> **What you need to do**
Given the entries that follow, write out exactly the lines starting at the one containing "from ifc_helpers import" and ending at the one containing "p3 = place(p2, frame((0.0, 0.0, 251.0)))", both ends included, and only those.

━━━━━━━━━━━━━━━━━━━━

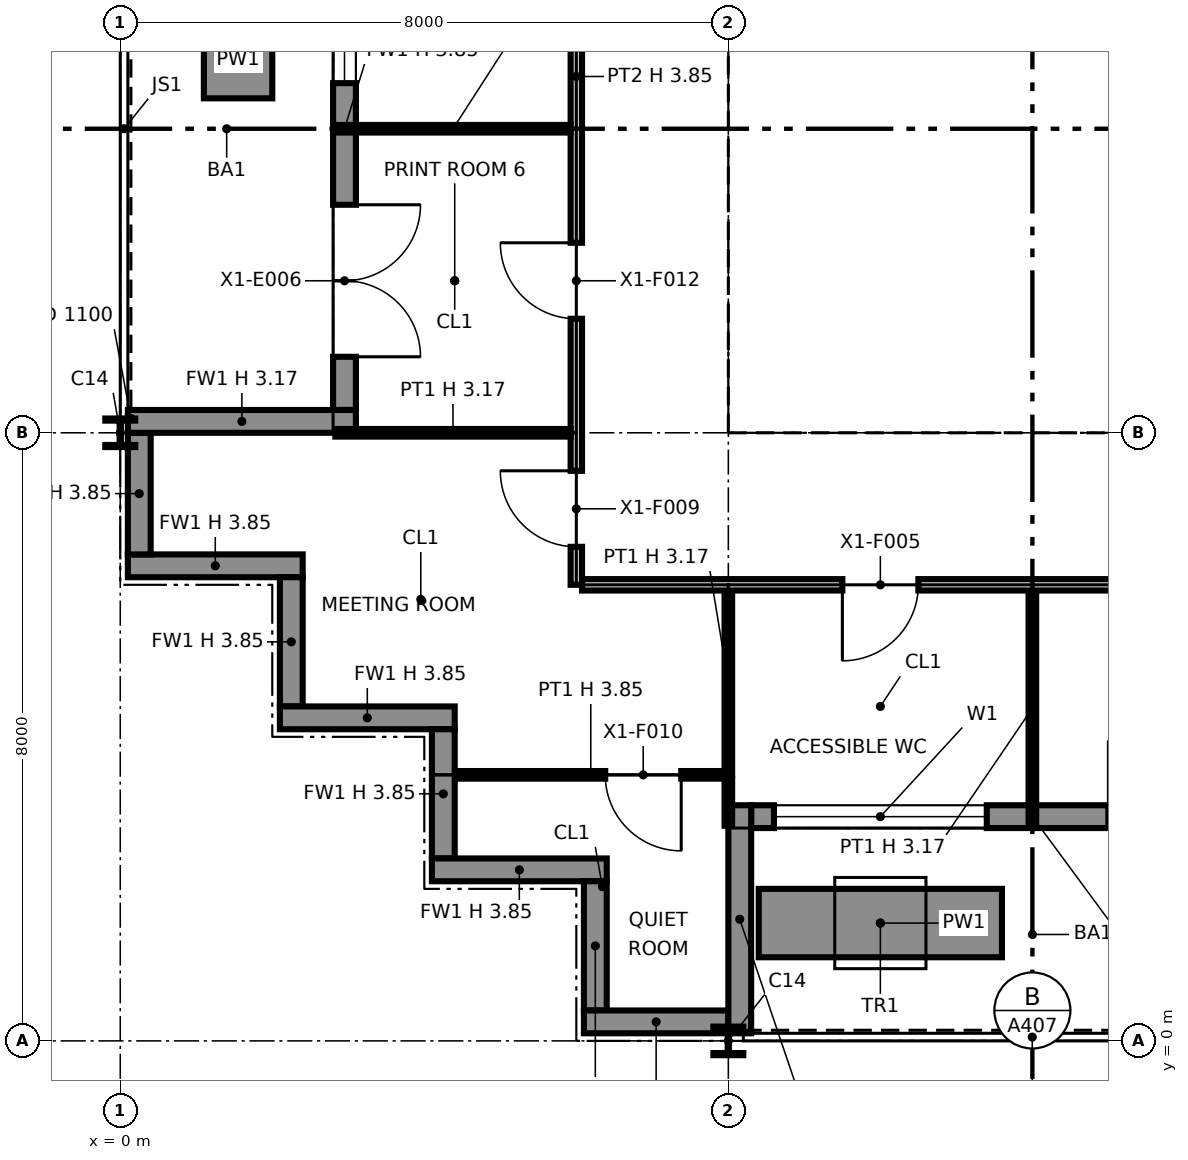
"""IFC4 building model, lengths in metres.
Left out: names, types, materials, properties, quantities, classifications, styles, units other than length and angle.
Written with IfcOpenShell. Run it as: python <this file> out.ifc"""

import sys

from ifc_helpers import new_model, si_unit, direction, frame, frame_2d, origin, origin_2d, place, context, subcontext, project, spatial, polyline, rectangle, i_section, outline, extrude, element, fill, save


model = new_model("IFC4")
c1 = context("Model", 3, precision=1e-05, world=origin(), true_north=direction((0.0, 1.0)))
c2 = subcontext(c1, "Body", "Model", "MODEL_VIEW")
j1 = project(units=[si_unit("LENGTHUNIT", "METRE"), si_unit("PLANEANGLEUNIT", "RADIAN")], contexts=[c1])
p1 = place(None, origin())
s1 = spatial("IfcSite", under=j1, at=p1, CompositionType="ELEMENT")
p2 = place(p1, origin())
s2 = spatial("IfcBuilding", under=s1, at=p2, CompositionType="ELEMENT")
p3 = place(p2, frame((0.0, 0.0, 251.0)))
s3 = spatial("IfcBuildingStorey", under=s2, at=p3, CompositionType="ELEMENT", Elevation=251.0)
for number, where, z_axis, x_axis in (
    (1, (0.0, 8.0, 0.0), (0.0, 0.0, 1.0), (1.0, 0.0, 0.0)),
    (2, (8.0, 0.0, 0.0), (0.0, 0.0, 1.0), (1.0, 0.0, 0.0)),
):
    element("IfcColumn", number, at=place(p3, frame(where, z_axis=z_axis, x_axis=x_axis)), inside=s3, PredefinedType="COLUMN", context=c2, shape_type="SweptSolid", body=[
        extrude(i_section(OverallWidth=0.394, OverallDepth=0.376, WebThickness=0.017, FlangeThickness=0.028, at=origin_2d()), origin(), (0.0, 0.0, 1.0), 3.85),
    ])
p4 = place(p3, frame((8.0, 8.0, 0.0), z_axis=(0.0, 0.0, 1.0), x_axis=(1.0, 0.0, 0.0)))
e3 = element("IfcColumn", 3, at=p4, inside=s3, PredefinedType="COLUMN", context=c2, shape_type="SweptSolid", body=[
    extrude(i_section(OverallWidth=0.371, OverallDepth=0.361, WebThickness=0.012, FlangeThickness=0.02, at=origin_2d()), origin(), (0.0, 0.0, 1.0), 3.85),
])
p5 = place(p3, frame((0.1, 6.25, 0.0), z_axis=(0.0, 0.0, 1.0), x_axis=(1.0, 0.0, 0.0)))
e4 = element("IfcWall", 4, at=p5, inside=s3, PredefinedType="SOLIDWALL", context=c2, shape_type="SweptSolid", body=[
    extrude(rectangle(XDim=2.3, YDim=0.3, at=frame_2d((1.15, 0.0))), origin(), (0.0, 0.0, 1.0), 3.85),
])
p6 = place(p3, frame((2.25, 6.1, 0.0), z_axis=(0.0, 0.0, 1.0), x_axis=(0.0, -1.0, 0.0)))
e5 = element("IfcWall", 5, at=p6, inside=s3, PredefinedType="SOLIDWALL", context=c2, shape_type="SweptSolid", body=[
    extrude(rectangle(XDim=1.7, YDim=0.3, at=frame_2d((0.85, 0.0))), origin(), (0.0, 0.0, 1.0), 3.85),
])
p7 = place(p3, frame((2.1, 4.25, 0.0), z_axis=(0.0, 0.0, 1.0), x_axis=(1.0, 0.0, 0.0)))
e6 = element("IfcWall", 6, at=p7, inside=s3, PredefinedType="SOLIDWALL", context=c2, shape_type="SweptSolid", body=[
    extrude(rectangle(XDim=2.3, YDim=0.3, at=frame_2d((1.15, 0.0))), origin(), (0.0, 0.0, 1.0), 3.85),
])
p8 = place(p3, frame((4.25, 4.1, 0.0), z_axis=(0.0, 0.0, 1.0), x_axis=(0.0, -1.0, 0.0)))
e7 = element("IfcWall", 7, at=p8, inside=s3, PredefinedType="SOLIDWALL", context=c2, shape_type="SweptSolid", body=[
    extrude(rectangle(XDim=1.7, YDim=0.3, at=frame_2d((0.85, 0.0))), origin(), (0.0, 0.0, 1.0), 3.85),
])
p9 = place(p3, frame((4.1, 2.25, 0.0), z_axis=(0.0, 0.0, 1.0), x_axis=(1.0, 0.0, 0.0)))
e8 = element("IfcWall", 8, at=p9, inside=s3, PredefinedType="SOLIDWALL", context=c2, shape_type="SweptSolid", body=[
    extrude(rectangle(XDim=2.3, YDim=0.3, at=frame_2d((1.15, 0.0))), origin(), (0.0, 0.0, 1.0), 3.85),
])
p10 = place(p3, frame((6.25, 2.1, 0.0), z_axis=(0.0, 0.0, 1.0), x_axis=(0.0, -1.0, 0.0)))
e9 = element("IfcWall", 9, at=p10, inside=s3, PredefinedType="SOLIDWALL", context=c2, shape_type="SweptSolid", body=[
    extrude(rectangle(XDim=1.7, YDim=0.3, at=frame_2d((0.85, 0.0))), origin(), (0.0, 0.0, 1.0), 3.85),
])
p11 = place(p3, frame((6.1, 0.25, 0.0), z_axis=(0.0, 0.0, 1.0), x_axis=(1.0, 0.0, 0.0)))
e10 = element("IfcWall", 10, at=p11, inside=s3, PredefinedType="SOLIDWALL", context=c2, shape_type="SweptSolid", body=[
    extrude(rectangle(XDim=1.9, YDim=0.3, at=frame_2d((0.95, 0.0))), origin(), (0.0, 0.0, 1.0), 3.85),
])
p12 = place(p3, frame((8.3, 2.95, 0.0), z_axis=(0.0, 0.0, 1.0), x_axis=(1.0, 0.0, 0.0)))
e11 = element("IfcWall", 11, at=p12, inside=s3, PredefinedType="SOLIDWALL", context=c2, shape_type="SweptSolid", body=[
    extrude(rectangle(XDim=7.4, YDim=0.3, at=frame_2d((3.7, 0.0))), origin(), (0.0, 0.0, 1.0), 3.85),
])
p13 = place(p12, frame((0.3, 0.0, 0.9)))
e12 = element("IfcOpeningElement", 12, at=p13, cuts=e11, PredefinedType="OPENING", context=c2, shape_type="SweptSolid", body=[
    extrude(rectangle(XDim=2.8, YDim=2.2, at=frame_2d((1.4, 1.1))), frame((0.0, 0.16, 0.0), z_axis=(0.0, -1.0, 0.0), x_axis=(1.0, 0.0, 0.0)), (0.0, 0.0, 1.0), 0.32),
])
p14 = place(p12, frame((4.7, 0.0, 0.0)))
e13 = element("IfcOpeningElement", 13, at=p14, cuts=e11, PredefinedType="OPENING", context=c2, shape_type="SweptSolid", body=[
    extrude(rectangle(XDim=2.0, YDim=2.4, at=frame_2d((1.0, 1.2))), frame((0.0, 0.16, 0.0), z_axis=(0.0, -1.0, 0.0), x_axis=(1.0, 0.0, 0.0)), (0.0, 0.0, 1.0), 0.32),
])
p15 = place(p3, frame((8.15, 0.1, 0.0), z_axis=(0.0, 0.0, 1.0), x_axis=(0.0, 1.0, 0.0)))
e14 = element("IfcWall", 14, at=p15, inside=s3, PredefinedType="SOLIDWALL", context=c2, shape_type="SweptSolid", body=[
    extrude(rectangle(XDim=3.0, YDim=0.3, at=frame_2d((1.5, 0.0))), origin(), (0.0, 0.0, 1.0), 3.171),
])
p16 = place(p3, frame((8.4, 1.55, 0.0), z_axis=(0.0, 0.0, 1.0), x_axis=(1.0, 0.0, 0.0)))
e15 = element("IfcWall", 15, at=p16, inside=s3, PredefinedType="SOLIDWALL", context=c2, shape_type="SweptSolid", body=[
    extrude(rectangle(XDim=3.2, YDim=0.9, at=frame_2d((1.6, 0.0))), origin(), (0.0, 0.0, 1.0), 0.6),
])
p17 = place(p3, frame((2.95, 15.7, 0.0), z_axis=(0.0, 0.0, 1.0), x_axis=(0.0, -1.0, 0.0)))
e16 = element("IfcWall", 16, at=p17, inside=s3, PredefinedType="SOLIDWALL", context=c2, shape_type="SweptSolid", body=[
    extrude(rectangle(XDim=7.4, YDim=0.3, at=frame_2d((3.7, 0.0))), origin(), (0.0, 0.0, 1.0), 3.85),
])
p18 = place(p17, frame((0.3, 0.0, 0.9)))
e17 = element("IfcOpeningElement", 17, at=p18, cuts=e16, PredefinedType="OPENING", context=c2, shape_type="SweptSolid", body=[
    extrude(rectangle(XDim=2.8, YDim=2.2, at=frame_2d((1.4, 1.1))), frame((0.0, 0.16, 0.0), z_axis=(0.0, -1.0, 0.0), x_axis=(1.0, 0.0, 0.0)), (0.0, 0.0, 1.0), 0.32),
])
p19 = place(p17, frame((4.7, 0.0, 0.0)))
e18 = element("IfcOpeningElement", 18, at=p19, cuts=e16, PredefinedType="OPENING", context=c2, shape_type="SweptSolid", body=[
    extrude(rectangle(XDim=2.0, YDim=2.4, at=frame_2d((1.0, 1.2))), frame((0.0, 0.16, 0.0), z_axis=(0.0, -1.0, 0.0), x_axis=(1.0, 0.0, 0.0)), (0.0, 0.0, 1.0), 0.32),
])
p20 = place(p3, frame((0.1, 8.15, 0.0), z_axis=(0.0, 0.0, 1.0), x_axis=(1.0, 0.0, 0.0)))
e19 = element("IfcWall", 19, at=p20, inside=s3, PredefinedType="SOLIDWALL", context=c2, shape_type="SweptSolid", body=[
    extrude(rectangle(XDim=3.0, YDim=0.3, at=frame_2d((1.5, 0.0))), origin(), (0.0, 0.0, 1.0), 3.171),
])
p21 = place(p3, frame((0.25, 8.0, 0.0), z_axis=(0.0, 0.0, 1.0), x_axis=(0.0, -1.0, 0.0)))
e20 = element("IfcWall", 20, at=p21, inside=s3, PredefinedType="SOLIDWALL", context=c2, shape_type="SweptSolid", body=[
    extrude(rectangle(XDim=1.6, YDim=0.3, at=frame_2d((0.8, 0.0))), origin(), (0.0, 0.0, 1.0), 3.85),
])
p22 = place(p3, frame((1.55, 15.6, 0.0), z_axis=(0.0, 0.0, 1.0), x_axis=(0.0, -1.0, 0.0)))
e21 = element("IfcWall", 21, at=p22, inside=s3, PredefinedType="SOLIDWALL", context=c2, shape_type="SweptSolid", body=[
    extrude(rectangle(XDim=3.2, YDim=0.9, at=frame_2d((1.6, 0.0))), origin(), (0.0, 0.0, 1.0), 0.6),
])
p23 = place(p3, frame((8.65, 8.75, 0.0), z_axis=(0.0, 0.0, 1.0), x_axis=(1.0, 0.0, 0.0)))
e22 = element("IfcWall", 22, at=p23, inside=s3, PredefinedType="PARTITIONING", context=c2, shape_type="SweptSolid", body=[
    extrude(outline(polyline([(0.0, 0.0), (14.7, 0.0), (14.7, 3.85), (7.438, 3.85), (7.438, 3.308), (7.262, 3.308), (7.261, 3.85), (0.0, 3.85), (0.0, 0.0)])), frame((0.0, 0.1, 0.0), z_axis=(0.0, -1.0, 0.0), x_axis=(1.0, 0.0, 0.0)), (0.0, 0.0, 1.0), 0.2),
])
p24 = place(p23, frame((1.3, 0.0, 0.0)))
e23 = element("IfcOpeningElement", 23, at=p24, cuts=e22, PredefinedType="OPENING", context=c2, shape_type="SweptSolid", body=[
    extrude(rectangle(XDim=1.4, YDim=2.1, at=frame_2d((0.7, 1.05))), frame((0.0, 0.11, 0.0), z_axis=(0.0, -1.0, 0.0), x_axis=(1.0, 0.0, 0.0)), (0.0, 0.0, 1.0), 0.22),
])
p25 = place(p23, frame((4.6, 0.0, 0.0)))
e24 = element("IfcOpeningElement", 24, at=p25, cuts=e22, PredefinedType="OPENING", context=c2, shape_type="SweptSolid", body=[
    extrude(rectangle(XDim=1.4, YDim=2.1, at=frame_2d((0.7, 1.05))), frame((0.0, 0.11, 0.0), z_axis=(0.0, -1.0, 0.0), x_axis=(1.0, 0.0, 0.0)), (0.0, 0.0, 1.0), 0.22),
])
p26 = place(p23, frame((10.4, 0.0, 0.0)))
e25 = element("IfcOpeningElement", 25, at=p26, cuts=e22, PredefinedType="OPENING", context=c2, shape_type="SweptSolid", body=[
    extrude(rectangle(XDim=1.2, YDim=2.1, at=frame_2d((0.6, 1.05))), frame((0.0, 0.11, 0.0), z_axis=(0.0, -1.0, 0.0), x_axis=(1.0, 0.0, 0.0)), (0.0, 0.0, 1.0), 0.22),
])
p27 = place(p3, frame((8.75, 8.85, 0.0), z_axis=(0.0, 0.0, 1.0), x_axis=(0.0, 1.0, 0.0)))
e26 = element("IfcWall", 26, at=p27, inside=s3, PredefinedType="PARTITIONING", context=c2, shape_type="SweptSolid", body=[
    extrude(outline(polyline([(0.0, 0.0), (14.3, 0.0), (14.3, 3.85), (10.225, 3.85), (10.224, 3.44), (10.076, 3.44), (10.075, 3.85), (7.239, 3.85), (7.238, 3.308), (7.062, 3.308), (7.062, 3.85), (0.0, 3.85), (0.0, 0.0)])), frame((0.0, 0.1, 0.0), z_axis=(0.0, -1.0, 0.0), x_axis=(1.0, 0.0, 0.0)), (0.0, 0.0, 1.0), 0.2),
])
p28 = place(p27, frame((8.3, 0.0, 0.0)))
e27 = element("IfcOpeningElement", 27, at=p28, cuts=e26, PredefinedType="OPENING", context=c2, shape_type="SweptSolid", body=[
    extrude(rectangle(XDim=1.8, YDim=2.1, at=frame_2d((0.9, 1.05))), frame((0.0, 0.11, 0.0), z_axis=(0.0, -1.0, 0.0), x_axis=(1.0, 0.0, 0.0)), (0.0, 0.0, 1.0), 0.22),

━━━━━━━━━━━━━━━━━━━━

> **Solution for this exercise**
from ifc_helpers import new_model, si_unit, direction, frame, frame_2d, origin, origin_2d, place, context, subcontext, project, spatial, polyline, rectangle, i_section, outline, extrude, element, fill, save


model = new_model("IFC4")
c1 = context("Model", 3, precision=1e-05, world=origin(), true_north=direction((0.0, 1.0)))
c2 = subcontext(c1, "Body", "Model", "MODEL_VIEW")
j1 = project(units=[si_unit("LENGTHUNIT", "METRE"), si_unit("PLANEANGLEUNIT", "RADIAN")], contexts=[c1])
p1 = place(None, origin())
s1 = spatial("IfcSite", under=j1, at=p1, CompositionType="ELEMENT")
p2 = place(p1, origin())
s2 = spatial("IfcBuilding", under=s1, at=p2, CompositionType="ELEMENT")
p3 = place(p2, frame((0.0, 0.0, 251.0)))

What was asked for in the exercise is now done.